A single number is wanted: how many lines of the data below include the string "origin"?

[Collected data entries]
—————
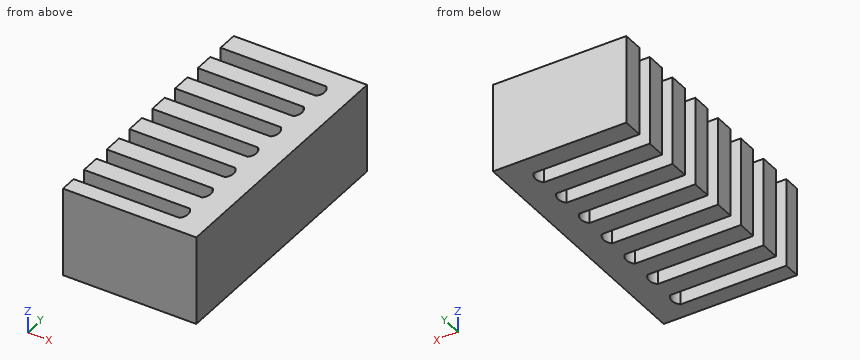
from build123d import *

# Parameters (mm, degrees)
EXTRUDE_1_DEPTH = 5


with BuildPart() as part:
    # 草图1 → 凸台-拉伸1 (new, symmetric)
    with BuildSketch(Plane.XY):
        with BuildLine():
            Line((7.5, -15), (-7.5, -15))
            Line((-7.5, -15), (-7.5, -13.125870379))
            Line((-7.5, -13.125870379), (4.407309833, -13.125870379))
            ThreePointArc((4.407309833, -13.125870379), (4.784555906, -12.215117792), (4.407309833, -11.304365204))
            Line((4.407309833, -11.304365204), (-7.5, -11.304365204))
            Line((-7.5, -11.304365204), (-7.5, -9.125870379))
            Line((-7.5, -9.125870379), (4.407309833, -9.125870379))
            ThreePointArc((4.407309833, -9.125870379), (4.784555906, -8.215117792), (4.407309833, -7.304365204))
            Line((4.407309833, -7.304365204), (-7.5, -7.304365204))
            Line((-7.5, -7.304365204), (-7.5, -5.125870379))
            Line((-7.5, -5.125870379), (4.407309833, -5.125870379))
            ThreePointArc((4.407309833, -5.125870379), (4.784555906, -4.215117792), (4.407309833, -3.304365204))
            Line((4.407309833, -3.304365204), (-7.5, -3.304365204))
            Line((-7.5, -3.304365204), (-7.5, -1.125870379))
            Line((-7.5, -1.125870379), (4.407309833, -1.125870379))
            ThreePointArc((4.407309833, -1.125870379), (4.784555906, -0.215117792), (4.407309833, 0.695634796))
            Line((4.407309833, 0.695634796), (-7.5, 0.695634796))
            Line((-7.5, 0.695634796), (-7.5, 2.874129621))
            Line((-7.5, 2.874129621), (4.407309833, 2.874129621))
            ThreePointArc((4.407309833, 2.874129621), (4.784555906, 3.784882208), (4.407309833, 4.695634796))
            Line((4.407309833, 4.695634796), (-7.5, 4.695634796))
            Line((-7.5, 4.695634796), (-7.5, 6.874129621))
            Line((-7.5, 6.874129621), (4.407309833, 6.874129621))
            ThreePointArc((4.407309833, 6.874129621), (4.784555906, 7.784882208), (4.407309833, 8.695634796))
            Line((4.407309833, 8.695634796), (-7.5, 8.695634796))
            Line((-7.5, 8.695634796), (-7.5, 10.874129621))
            Line((-7.5, 10.874129621), (4.407309833, 10.874129621))
            ThreePointArc((4.407309833, 10.874129621), (4.784555906, 11.784882208), (4.407309833, 12.695634796))
            Line((4.407309833, 12.695634796), (-7.5, 12.695634796))
            Line((-7.5, 12.695634796), (-7.5, 15))
            Line((-7.5, 15), (7.5, 15))
            Line((7.5, 15), (7.5, -15))
        make_face()
    extrude(amount=EXTRUDE_1_DEPTH, both=True)


solid = part.part
Model file for the job. Use its own axes, mm. Coordinates: 2 decimals unless noted, no trailing zeros. Order: outer loops, then holes, each group sorted by start corner. A loop starts at its lowest first (then second) coordinate and runs counter-clockwise, first axis right, second up. Notation, with made-up numbers: M 12,17.25 L 60,17.25 A20 ccw 60,27.25 Z; hole C 48.25,-28.5 d11. An arc over 180 degrees is marked long. Return JSON: item names as keys, results as strings.
1. Drill centre lines: probe 1 along X at (y, z) = (-12.25, -1); probe 2 along X at (y, z) = (-11.75, 4). Where is each one in solid material? Low to high.
Ans:
{"probe 1": "4.78 to 7.5", "probe 2": "4.7 to 7.5"}
2. Saw through at D-D (y = -4.75). Give the cut face in (x, z).
Ans:
{"outline": "M 4.67,-5 L 7.5,-5 L 7.5,5 L 4.67,5 Z"}
3. Saw through at C-C (y = 12.25). Give the cut face in (x, z), and give its area (3 significant figures).
Ans:
{"outline": "M 4.7,-5 L 7.5,-5 L 7.5,5 L 4.7,5 Z", "area": "28.0 mm^2"}
4. Saw through at A-A (x = -6). Give the number of separate pieces and of enclosed holes in the cut face, and give its area (3 significant figures).
Ans:
{"separate pieces": "8", "enclosed holes": "0", "area": "172 mm^2"}
Build history of the part. All positions in model axes, mm. A direction names the side the tool comes from. Give positions to 0.01 mm unless a question says otherwise; leave off trailing zeros. Loops run counter-clockwise (first coordinate to the right, second up) from the corner with the lowest first, then second, coordinate; pieces in that order, holes last. Notation, with made-up numbers: M -35.75,79 L -15.75,79 A26 ccw -15.75,112 Z; hole C 65,35.5 d9. An arc over 180 degrees is marked long. Put each result on its own line as item: value.
```python
from build123d import *

# Parameters (mm, degrees)
SKETCH_1_W              = 70
SKETCH_1_H              = 55
EXTRUDE_1_DEPTH         = 10
SKETCH_2_W              = 10
SKETCH_2_H              = 45
CUT_EXTRUDE_1_DEPTH     = 46.620718977
SKETCH_3_R              = 17
CUT_EXTRUDE_2_DEPTH     = 46.620718977
HOLE_WIZARD_M4_2_D      = 3.3
HOLE_WIZARD_5_5_5_5_1_D = 5.5
CHAMFER_1_SIZE          = 5
SKETCH_12_W             = 24
SKETCH_12_H             = 9
CUT_EXTRUDE_3_DEPTH     = 46.620718977
CHAMFER_2_SIZE          = 0.5


with BuildPart() as part:
    # 草图1 → 凸台-拉伸1 (new body)
    with BuildSketch(Plane.XY):
        Rectangle(SKETCH_1_W, SKETCH_1_H)
    extrude(amount=EXTRUDE_1_DEPTH)

    # 草图2 → 切除-拉伸1 (cut, through all)
    with BuildSketch(Plane.XY.offset(10)):
        with Locations((-30, -5)):
            Rectangle(SKETCH_2_W, SKETCH_2_H)
        with Locations((30, -5)):
            Rectangle(SKETCH_2_W, SKETCH_2_H)
    extrude(amount=-CUT_EXTRUDE_1_DEPTH, mode=Mode.SUBTRACT)

    # 草图3 → 切除-拉伸2 (cut, through all)
    with BuildSketch(Plane(origin=(0, 0, 0), x_dir=(-1, 0, 0), z_dir=(0, 0, -1))):
        with Locations((0, -6.5)):
            Circle(SKETCH_3_R)
    extrude(amount=-CUT_EXTRUDE_2_DEPTH, mode=Mode.SUBTRACT)

    # M4 螺纹孔2 (through all)
    with Locations(Plane.XY.offset(10)):
        with Locations((14.85, -21.35), (-14.85, -21.35), (-14.85, 8.35), (14.85, 8.35)):
            Hole(HOLE_WIZARD_M4_2_D / 2)

    # Ø5.5 (5.5) 直径孔1 (through all)
    with Locations(Plane(origin=(0, 17.5, 0), x_dir=(-1, 0, 0), z_dir=(0, -1, 0))):
        with Locations((-30, -5), (30, -5)):
            Hole(HOLE_WIZARD_5_5_5_5_1_D / 2)

    # 倒角1
    chamfer_1_edges = [part.edges().sort_by_distance(p)[0] for p in [
        (-25, -27.5, 5),
        (25, -27.5, 5),
    ]]
    chamfer(chamfer_1_edges, length=CHAMFER_1_SIZE)

    # 草图12 → 切除-拉伸3 (cut, through all)
    with BuildSketch(Plane.XY.offset(10)):
        with Locations((0, 23)):
            Rectangle(SKETCH_12_W, SKETCH_12_H)
    extrude(amount=-CUT_EXTRUDE_3_DEPTH, mode=Mode.SUBTRACT)

    # 倒角2
    chamfer_2_edges = [part.edges().sort_by_distance(p)[0] for p in [
        (-35, 22.5, 10),
        (0, 18.5, 10),
        (12, 23, 10),
        (-30, 17.5, 0),
        (-35, 17.5, 5),
        (-30, 17.5, 10),
        (35, 22.5, 0),
        (35, 22.5, 10),
        (25, -2.5, 0),
        (30, 17.5, 0),
        (35, 17.5, 5),
        (30, 17.5, 10),
        (25, -2.5, 10),
        (-35, 22.5, 0),
        (23.5, 27.5, 0),
        (23.5, 27.5, 10),
        (-35, 27.5, 5),
        (35, 27.5, 5),
        (-25, -2.5, 10),
        (-25, -2.5, 0),
        (0, -27.5, 10),
        (22.5, -25, 10),
        (-22.5, -25, 10),
        (0, -27.5, 0),
        (22.5, -25, 0),
        (-22.5, -25, 0),
        (-23.5, 27.5, 0),
        (-23.5, 27.5, 10),
        (-12, 23, 0),
        (12, 23, 0),
        (0, 18.5, 0),
        (-12, 23, 10),
    ]]
    chamfer(chamfer_2_edges, length=CHAMFER_2_SIZE)


solid = part.part
```
Q1. Slice it at C-C (z = 8.75). List the corners of the cut face in (x, y).
Here are the results:
outline: M -35,18 L -34.5,17.5 L -25,17.5 L -25,-22.5 L -20,-27.5 L 20,-27.5 L 25,-22.5 L 25,17.5 L 34.5,17.5 L 35,18 L 35,27 L 34.5,27.5 L 12,27.5 L 12,18.5 L -12,18.5 L -12,27.5 L -34.5,27.5 L -35,27 Z; hole C 0,-6.5 d34; hole C -14.85,-21.35 d3.3; hole C -14.85,8.35 d3.3; hole C 14.85,-21.35 d3.3; hole C 14.85,8.35 d3.3
Q2. Probe line 1 (Y direction, x = 0, z = 6.5); line 2 (Y direction, x = -13.5, z = 8.75); line 3 (Y direction, x = 15, z = 9.75). List the from-to ranges inside material, lowest first. Write a range as from..to.
Here are the results:
line 1: -27.5..-23.5, 10.5..18.5
line 2: -27.5..-22.3, -20.4..-16.83, 3.83..7.4, 9.3..27.5
line 3: -27.25..-22.99, -19.71..-14.5, 1.5..6.71, 9.99..27.25
Q3. Slice it at D-D (x = 0). List the corners of the cut face in (y, z), and give its area (4 significant figures).
Here are the results:
outline: M -27.5,0.5 L -27,0 L -23.5,0 L -23.5,10 L -27,10 L -27.5,9.5 Z; M 10.5,0 L 18,0 L 18.5,0.5 L 18.5,9.5 L 18,10 L 10.5,10 Z
area: 119.5 mm²
Q4. Drop flat-ended pins along their axis: pin 1 Ø6 at (y, z) = (-17.5, 1.5) entering from -X; pin 2 Ø2.5 at (y, z) = (4, 7) entering from +X; pin 3 Ø4.5 at (x, z) = (-28.5, 5) entering from -Y. Give the stop position or say it passes through.
Here are the results:
pin 1: x = -25
pin 2: x = 25
pin 3: y = 17.5
Q5. Slice it at A-A (z = 5). State how many separate pieces and enclosed holes the cut face has, and give its area (3 significant figures).
Here are the results:
separate pieces: 3
enclosed holes: 5
area: 1,660 mm²
Q6. Mould opens along X. For faces 1 (the flat face through (23, 27.5, 5)), 2 (the cylindrical face through (13.491, -16.844, 4.93)), 3 (the flat face through (25, -3, 5)), 4 (the flat face through (-12, 23, 5)) say: pulls with the +X half, pulls with the -X half, needs draft (parallel to the pull), parting line crosses it, or undercut.
Here are the results:
face 1: needs draft
face 2: undercut
face 3: pulls with the +X half
face 4: undercut
Q7. Tool access for faces 5 (the flat face through (0, 18.5, 5)), 6 (the flat face through (-27.7, 17.5, 7.1)), 7 (the flat face through (27.6, 17.5, 3.1)), 8 (the cylindrical face through (14.089, -22.814, 4.93)): list every direction of +Z, -Z, +X, -X, +Y, -Y with a clear straight run to the whole face (end or side of a thin tool).
Here are the results:
face 5: +Z, -Z, +Y
face 6: +Z, -Z, -X, -Y
face 7: +Z, -Z, +X, -Y
face 8: +Z, -Z
Q8. Slice it at B-B (y = -6.5). List the corners of the cut face in (x, z), and give its area (4 significant figures).
Here are the results:
outline: M -25,0.5 L -24.5,0 L -17,0 L -17,10 L -24.5,10 L -25,9.5 Z; M 17,0 L 24.5,0 L 25,0.5 L 25,9.5 L 24.5,10 L 17,10 Z
area: 159.5 mm²
CAD build for the part. Positions are in the model's coordinates, mm. A direction names the side the tool comes from. Coordinates: 2 decimals unless noted, no trailing zeros. Order: outer loops, then holes, each group sorted by start corner. A loop starts at its lowest first (then second) coordinate and runs counter-clockwise, first axis right, second up. Notation, with made-up numbers: (-31, 88) - (1, 88) arc R26 cw to (1, 127) - close; hole circle Ø5 at (64.25, 75.25). An arc over 180 degrees is marked (long way). Write each question's results on one line, items separated by ' | '. Start each with the question number.
Q1. Band-saw the part on C-C, the plane x = 38. Write the cut outline in (y, z), then the cut area to 3 significant figures.
Q2. Pull direction X, two halves, no side cores. Call faces 3 (the cylindrical face through (11.923, 3.755, 45.72)), 4 (the cylindrical face through (-34.48, -27.47, 7.89)), 5 (the cylindrical face through (-27.47, 34.48, 7.89)), 6 (the flat face through (-1, -22, 16)): released by +X, released by -X, zero draft, split by the parting line, or undercut.
Q3. Band-saw the part on D-D, the plane y = 43.5. Write the cut outline in (x, z), then the cut area to 3 significant figures.
Q4. Band-saw the part on A-A, the plane z = 54. Write the cut outline in (x, y), then the cut area to 3 significant figures.
Q5. Which spindle directions (+Z, -Z, +X, -X, +Y, -Y) get a long thin tool onto all of the face, cutting with end or side? Do faces 1 (the flat face through (-3.4, 12.3, 26)), 2 (the cylindrical face through (33.554, 31.644, 7.888)). Say none if no direction does.
Q6. Pin check, flat tips, straight feed: P1, Ø1.5, axis at y = 9, z = 15.5, coming from the +X side; P2, Ø10, axis at y = 9, z = 45.5, coming from the -X side; P3, Ø2, axis at x = 9.5, z = 47, coming from the +Y side. Stop position of each tip, or through.
Q7. Wall check: probe 1 along Y at (x, z) = (0, 61.75); probe 2 along Z at (x, y) = (-1, 13); probe 3 along Z at (x, y) = (-8, -27). Give the ranges that are in metal, low to high.
Q8. Band-saw the part on B-B, the plane z = 13.5. Write the cut outline in (x, y), then the cut area to 3 significant figures.
```python
from build123d import *

# Parameters (mm, degrees)
SKETCH_1_R                = 50
EXTRUDE_1_DEPTH           = 16
SKETCH_2_R                = 15
EXTRUDE_2_DEPTH           = 10
SKETCH_3_R                = 12.5
EXTRUDE_3_DEPTH           = 40
HOLE_WIZARD_12_5_12_5_1_D = 12.5
PATTERN_CIRCULAR_1_COUNT  = 4
HOLE_WIZARD_M8_1_D        = 6.8
HOLE_WIZARD_M8_1_DEPTH    = 19.75
HOLE_WIZARD_M8_1_TIP      = 2.042926105
FILLET_1_R                = 5


with BuildPart() as part:
    # 草图1 → 凸台-拉伸1 (new body)
    with BuildSketch(Plane.XY):
        Circle(SKETCH_1_R)
    extrude(amount=EXTRUDE_1_DEPTH)

    # 草图2 → 凸台-拉伸2 (add)
    with BuildSketch(Plane.XY.offset(16)):
        Circle(SKETCH_2_R)
    extrude(amount=EXTRUDE_2_DEPTH)

    # 草图3 → 凸台-拉伸3 (add)
    with BuildSketch(Plane.XY.offset(26)):
        Circle(SKETCH_3_R)
    extrude(amount=EXTRUDE_3_DEPTH)

    # Ø12.5 (12.5) 直径孔1 (through all)
    with Locations(Plane.XY.offset(16)):
        with Locations((-28.284271247, 28.284271247)):
            hole_wizard_12_5_12_5_1 = Hole(HOLE_WIZARD_12_5_12_5_1_D / 2)

    # 阵列(圆周)1: Ø12.5 (12.5) 直径孔1 ×4 about axis
    pattern_circular_1_axis = Axis((0, 0, 0), (0, 0, 1))
    for i in range(1, PATTERN_CIRCULAR_1_COUNT):
        add(hole_wizard_12_5_12_5_1.rotate(pattern_circular_1_axis, i * 360 / PATTERN_CIRCULAR_1_COUNT), mode=Mode.SUBTRACT)

    # M8 螺纹孔1
    with Locations(Plane.XY.offset(66)):
        with Locations((0, 0)):
            Hole(HOLE_WIZARD_M8_1_D / 2, depth=HOLE_WIZARD_M8_1_DEPTH)
            with Locations((0, 0, -(HOLE_WIZARD_M8_1_DEPTH + HOLE_WIZARD_M8_1_TIP / 2))):  # 118° drill point
                Cone(0, HOLE_WIZARD_M8_1_D / 2, HOLE_WIZARD_M8_1_TIP, mode=Mode.SUBTRACT)

    # 圆角1
    fillet_1_edges = [part.edges().sort_by_distance(p)[0] for p in [
        (-15, 0, 16),
    ]]
    fillet(fillet_1_edges, radius=FILLET_1_R)


solid = part.part
```
Results below:
1) outline: (-32.5, 0) - (32.5, 0) - (32.5, 16) - (-32.5, 16) - close | area: 1,040 mm²
2) face 3: split by the parting line | face 4: undercut | face 5: undercut | face 6: zero draft
3) outline: (-24.65, 0) - (24.65, 0) - (24.65, 16) - (-24.65, 16) - close | area: 789 mm²
4) outline: circle Ø25 at (0, 0); hole circle Ø6.8 at (0, 0) | area: 455 mm²
5) face 1: +Z | face 2: +Z, -Z
6) P1: stops at x = 49.31 | P2: stops at x = -11.84 | P3: stops at y = 9.17
7) probe 1: y = -12.5 to -3.4, 3.4 to 12.5 | probe 2: z = 0 to 26 | probe 3: z = 0 to 16
8) outline: circle Ø100 at (0, 0); hole circle Ø12.5 at (-28.28, -28.28); hole circle Ø12.5 at (-28.28, 28.28); hole circle Ø12.5 at (28.28, -28.28); hole circle Ø12.5 at (28.28, 28.28) | area: 7,360 mm²
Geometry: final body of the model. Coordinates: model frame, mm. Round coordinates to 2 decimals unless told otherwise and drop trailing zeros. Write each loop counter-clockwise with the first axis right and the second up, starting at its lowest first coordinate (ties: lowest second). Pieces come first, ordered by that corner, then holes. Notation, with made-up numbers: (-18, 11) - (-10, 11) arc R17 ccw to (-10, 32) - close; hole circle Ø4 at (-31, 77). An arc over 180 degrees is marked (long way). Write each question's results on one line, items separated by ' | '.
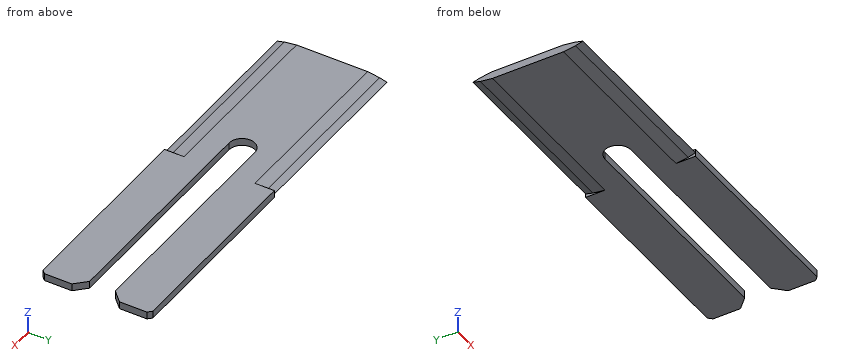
—————
### Exercise response
2